• Task prompt: What lines in the material hold the string "Profile"? Return every one of them.

┄┄┄┄┄┄┄┄┄┄

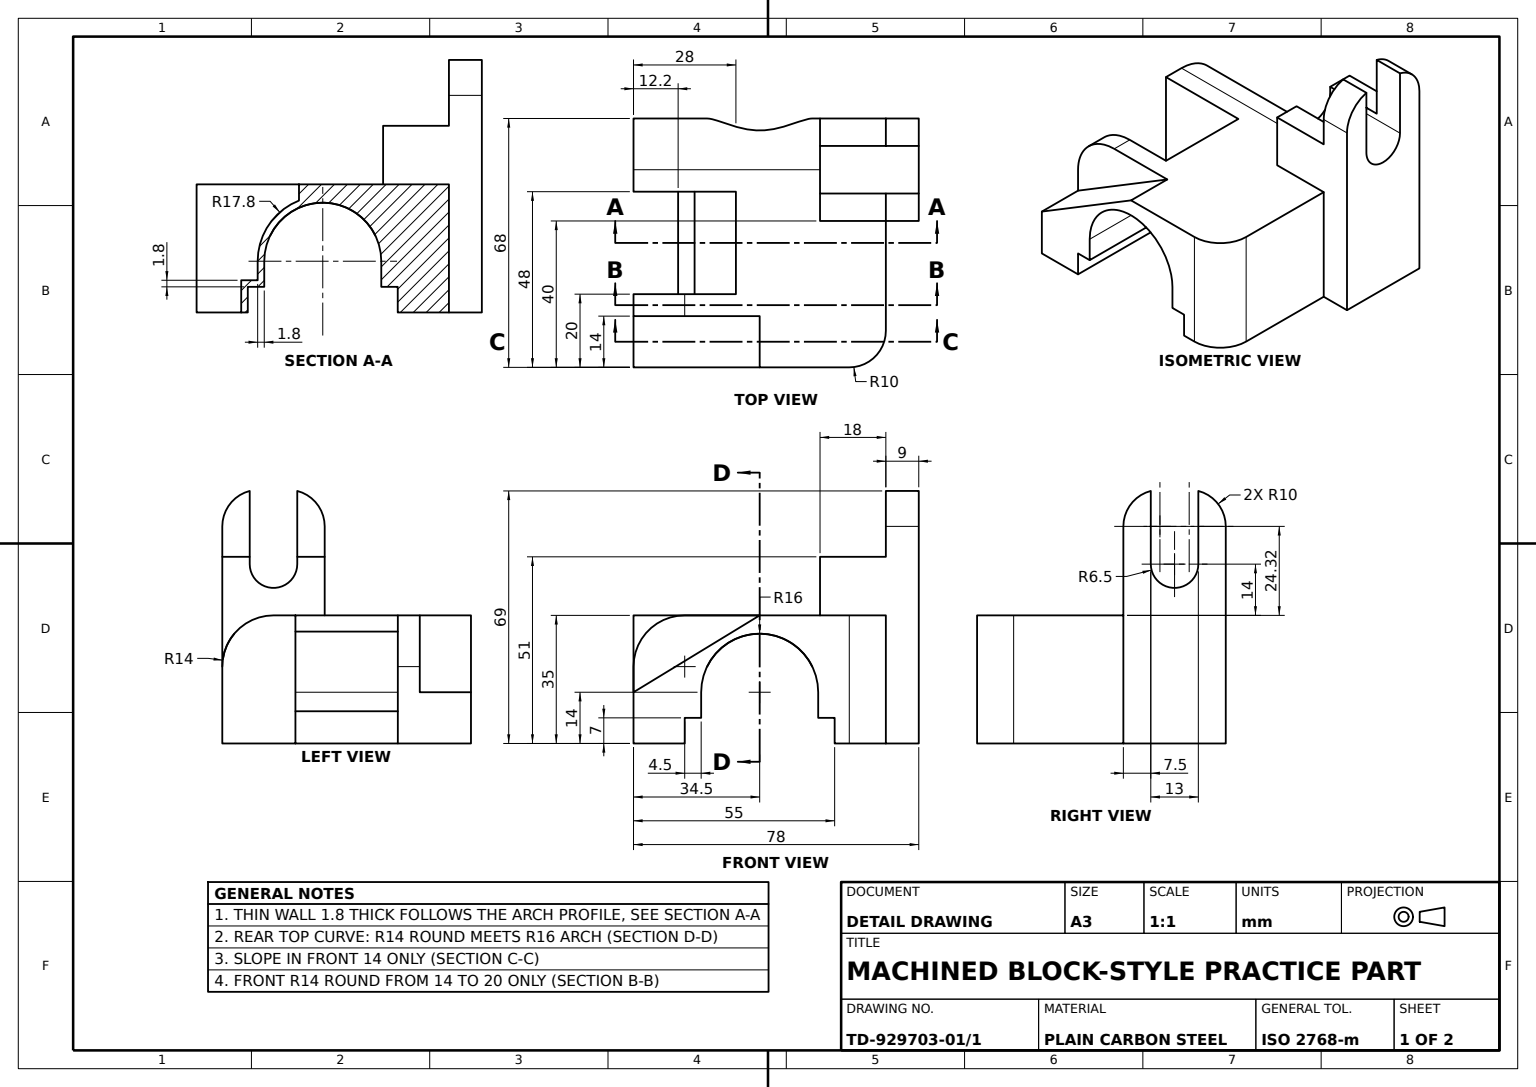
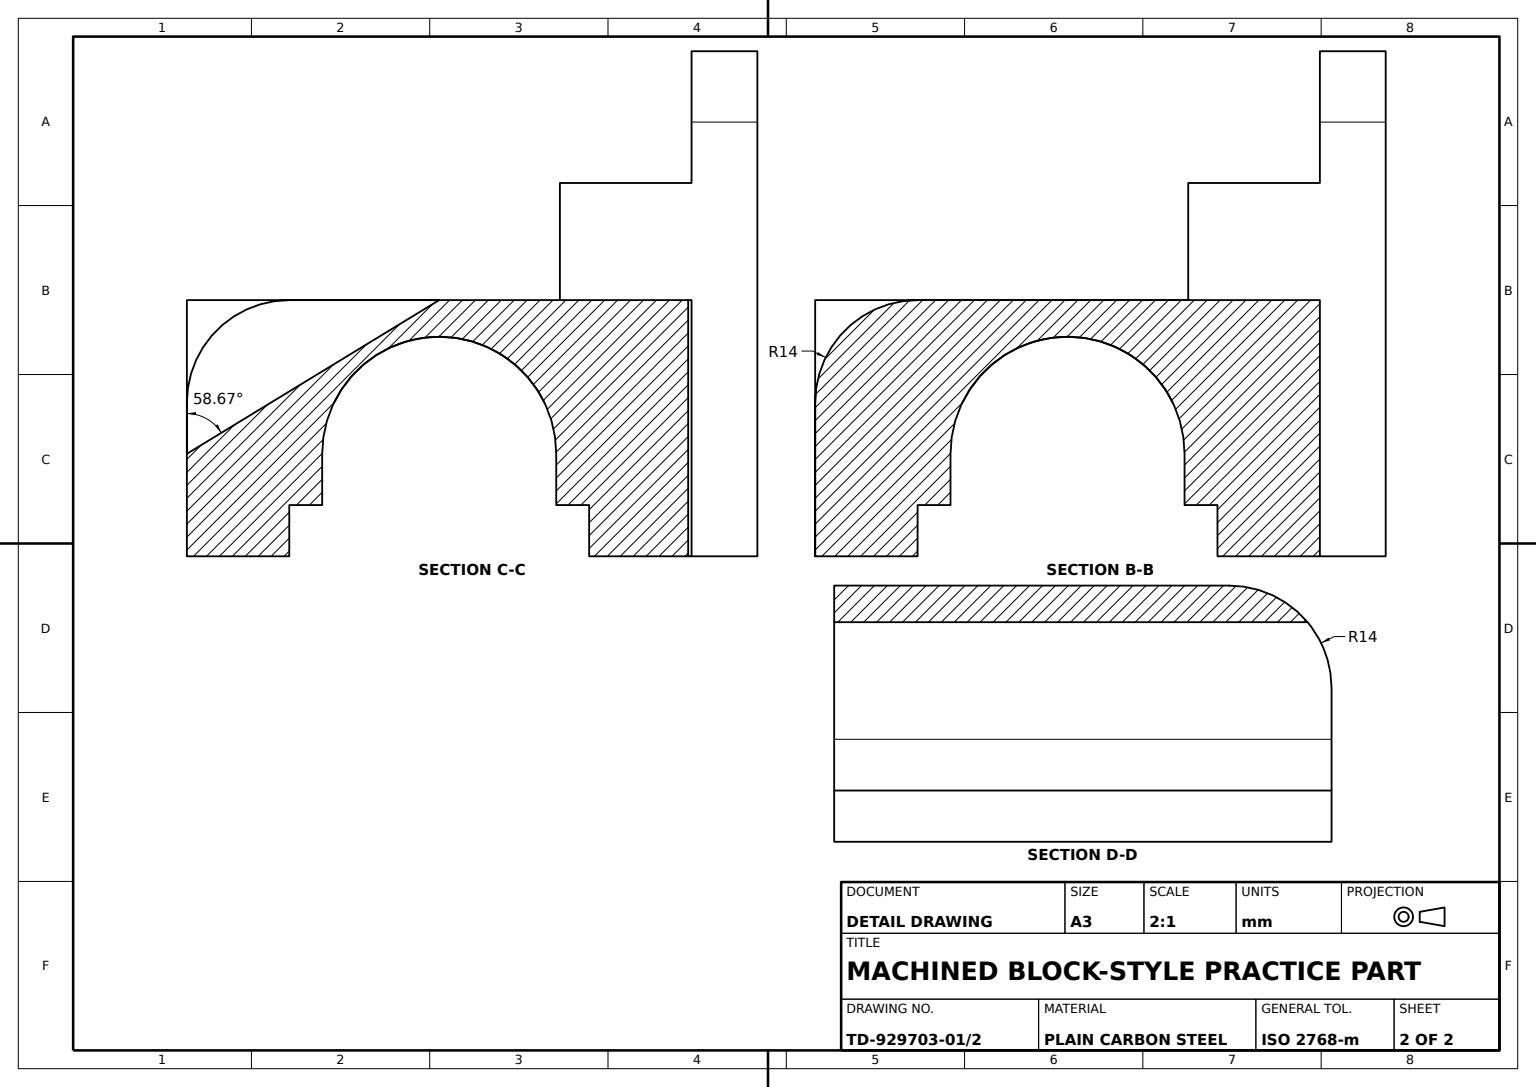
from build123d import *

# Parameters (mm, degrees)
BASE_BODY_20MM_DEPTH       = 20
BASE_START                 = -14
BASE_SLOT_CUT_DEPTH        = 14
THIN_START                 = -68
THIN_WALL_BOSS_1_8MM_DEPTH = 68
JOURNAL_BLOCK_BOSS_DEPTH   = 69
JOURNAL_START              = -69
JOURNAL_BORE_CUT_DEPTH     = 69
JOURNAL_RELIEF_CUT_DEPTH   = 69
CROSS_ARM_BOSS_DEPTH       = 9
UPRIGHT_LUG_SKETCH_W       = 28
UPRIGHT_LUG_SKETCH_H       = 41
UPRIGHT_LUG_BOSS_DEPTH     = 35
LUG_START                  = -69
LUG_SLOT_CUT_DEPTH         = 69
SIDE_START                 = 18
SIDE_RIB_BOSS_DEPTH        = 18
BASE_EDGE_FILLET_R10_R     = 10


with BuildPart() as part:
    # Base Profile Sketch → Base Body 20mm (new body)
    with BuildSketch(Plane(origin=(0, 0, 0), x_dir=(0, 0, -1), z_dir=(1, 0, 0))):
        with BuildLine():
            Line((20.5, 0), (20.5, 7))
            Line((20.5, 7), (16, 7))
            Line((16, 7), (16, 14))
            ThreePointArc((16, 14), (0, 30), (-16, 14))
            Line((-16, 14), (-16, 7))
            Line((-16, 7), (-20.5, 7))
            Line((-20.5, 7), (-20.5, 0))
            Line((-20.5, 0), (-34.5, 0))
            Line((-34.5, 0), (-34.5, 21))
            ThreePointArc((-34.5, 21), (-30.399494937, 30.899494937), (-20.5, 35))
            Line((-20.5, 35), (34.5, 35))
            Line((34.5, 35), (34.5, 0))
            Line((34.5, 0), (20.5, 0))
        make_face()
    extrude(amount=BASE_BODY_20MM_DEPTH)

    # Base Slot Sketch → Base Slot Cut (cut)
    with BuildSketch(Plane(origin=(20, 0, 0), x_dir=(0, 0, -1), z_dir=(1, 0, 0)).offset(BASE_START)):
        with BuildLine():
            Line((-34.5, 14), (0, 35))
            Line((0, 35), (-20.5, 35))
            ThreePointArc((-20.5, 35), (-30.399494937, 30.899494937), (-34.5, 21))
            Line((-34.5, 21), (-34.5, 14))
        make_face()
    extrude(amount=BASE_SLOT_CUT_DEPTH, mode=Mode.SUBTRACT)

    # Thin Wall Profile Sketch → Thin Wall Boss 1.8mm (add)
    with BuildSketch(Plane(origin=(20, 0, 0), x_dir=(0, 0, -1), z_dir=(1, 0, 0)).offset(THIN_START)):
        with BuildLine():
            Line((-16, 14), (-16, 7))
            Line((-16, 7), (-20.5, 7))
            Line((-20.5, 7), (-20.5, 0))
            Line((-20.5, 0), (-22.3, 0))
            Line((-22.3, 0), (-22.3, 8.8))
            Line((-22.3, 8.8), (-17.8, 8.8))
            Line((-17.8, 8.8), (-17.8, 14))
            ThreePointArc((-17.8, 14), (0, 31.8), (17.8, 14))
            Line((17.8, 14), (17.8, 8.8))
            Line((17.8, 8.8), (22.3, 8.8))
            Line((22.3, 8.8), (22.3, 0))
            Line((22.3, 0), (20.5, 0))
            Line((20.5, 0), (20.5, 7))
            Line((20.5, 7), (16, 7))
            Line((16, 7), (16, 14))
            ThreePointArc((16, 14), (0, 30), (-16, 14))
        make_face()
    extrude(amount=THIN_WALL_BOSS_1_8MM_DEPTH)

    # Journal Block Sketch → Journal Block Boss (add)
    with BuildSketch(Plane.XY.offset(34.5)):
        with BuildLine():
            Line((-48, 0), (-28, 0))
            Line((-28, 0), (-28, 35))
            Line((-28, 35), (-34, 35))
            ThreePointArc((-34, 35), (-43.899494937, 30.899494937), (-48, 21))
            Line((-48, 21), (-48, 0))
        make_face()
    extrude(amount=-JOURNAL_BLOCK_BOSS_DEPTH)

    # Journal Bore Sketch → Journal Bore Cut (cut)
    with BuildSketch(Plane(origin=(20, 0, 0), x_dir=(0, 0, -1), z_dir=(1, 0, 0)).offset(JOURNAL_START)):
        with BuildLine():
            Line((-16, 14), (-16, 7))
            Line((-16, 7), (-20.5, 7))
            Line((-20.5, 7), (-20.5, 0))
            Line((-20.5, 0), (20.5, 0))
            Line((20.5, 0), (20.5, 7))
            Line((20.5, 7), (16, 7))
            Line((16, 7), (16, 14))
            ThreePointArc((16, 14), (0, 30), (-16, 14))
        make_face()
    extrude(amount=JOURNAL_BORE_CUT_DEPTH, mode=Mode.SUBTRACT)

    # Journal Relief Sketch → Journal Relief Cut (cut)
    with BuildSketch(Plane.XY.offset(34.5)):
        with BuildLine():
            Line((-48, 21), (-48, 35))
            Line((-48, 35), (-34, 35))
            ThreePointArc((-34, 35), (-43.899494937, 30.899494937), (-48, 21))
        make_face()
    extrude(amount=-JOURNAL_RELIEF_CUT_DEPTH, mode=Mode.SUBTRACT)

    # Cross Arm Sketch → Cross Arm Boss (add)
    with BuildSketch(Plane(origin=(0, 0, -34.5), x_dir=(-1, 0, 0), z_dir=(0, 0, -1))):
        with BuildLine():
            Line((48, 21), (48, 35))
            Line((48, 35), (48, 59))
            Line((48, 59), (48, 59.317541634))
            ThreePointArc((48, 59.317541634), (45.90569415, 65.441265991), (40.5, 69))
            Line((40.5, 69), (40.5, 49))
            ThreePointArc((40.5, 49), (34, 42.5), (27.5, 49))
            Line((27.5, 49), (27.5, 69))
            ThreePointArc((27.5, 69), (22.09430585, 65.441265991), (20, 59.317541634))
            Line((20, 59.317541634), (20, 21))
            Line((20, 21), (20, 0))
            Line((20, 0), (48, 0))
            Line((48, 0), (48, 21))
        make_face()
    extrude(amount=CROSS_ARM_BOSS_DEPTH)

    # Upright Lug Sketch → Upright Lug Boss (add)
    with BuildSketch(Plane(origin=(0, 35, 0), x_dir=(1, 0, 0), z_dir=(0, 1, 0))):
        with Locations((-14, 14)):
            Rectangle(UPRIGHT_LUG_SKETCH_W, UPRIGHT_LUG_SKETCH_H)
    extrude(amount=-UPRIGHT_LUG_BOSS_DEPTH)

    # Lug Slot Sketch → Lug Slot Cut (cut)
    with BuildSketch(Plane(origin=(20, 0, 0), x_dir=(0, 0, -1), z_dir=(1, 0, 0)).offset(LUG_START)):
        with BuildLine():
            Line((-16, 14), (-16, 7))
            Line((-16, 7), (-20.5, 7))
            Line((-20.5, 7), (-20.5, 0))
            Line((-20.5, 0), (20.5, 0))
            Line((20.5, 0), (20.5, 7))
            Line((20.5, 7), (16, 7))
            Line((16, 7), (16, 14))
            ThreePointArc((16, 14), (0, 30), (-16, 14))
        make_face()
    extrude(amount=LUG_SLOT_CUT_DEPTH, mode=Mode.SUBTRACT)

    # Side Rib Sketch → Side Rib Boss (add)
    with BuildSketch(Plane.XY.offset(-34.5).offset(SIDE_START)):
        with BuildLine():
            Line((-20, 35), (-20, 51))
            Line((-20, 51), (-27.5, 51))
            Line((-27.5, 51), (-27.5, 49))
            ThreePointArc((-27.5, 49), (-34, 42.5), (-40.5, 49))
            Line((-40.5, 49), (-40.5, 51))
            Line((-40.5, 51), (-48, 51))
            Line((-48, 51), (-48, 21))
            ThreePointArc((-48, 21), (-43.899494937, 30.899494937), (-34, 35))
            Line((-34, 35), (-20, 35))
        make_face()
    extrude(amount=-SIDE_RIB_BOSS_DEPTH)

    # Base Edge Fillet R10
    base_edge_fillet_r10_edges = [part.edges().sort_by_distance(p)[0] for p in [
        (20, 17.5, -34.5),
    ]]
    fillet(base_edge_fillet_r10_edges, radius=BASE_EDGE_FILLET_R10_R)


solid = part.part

┄┄┄┄┄┄┄┄┄┄

• Exercise result:
    # Base Profile Sketch → Base Body 20mm (new body)
    # Thin Wall Profile Sketch → Thin Wall Boss 1.8mm (add)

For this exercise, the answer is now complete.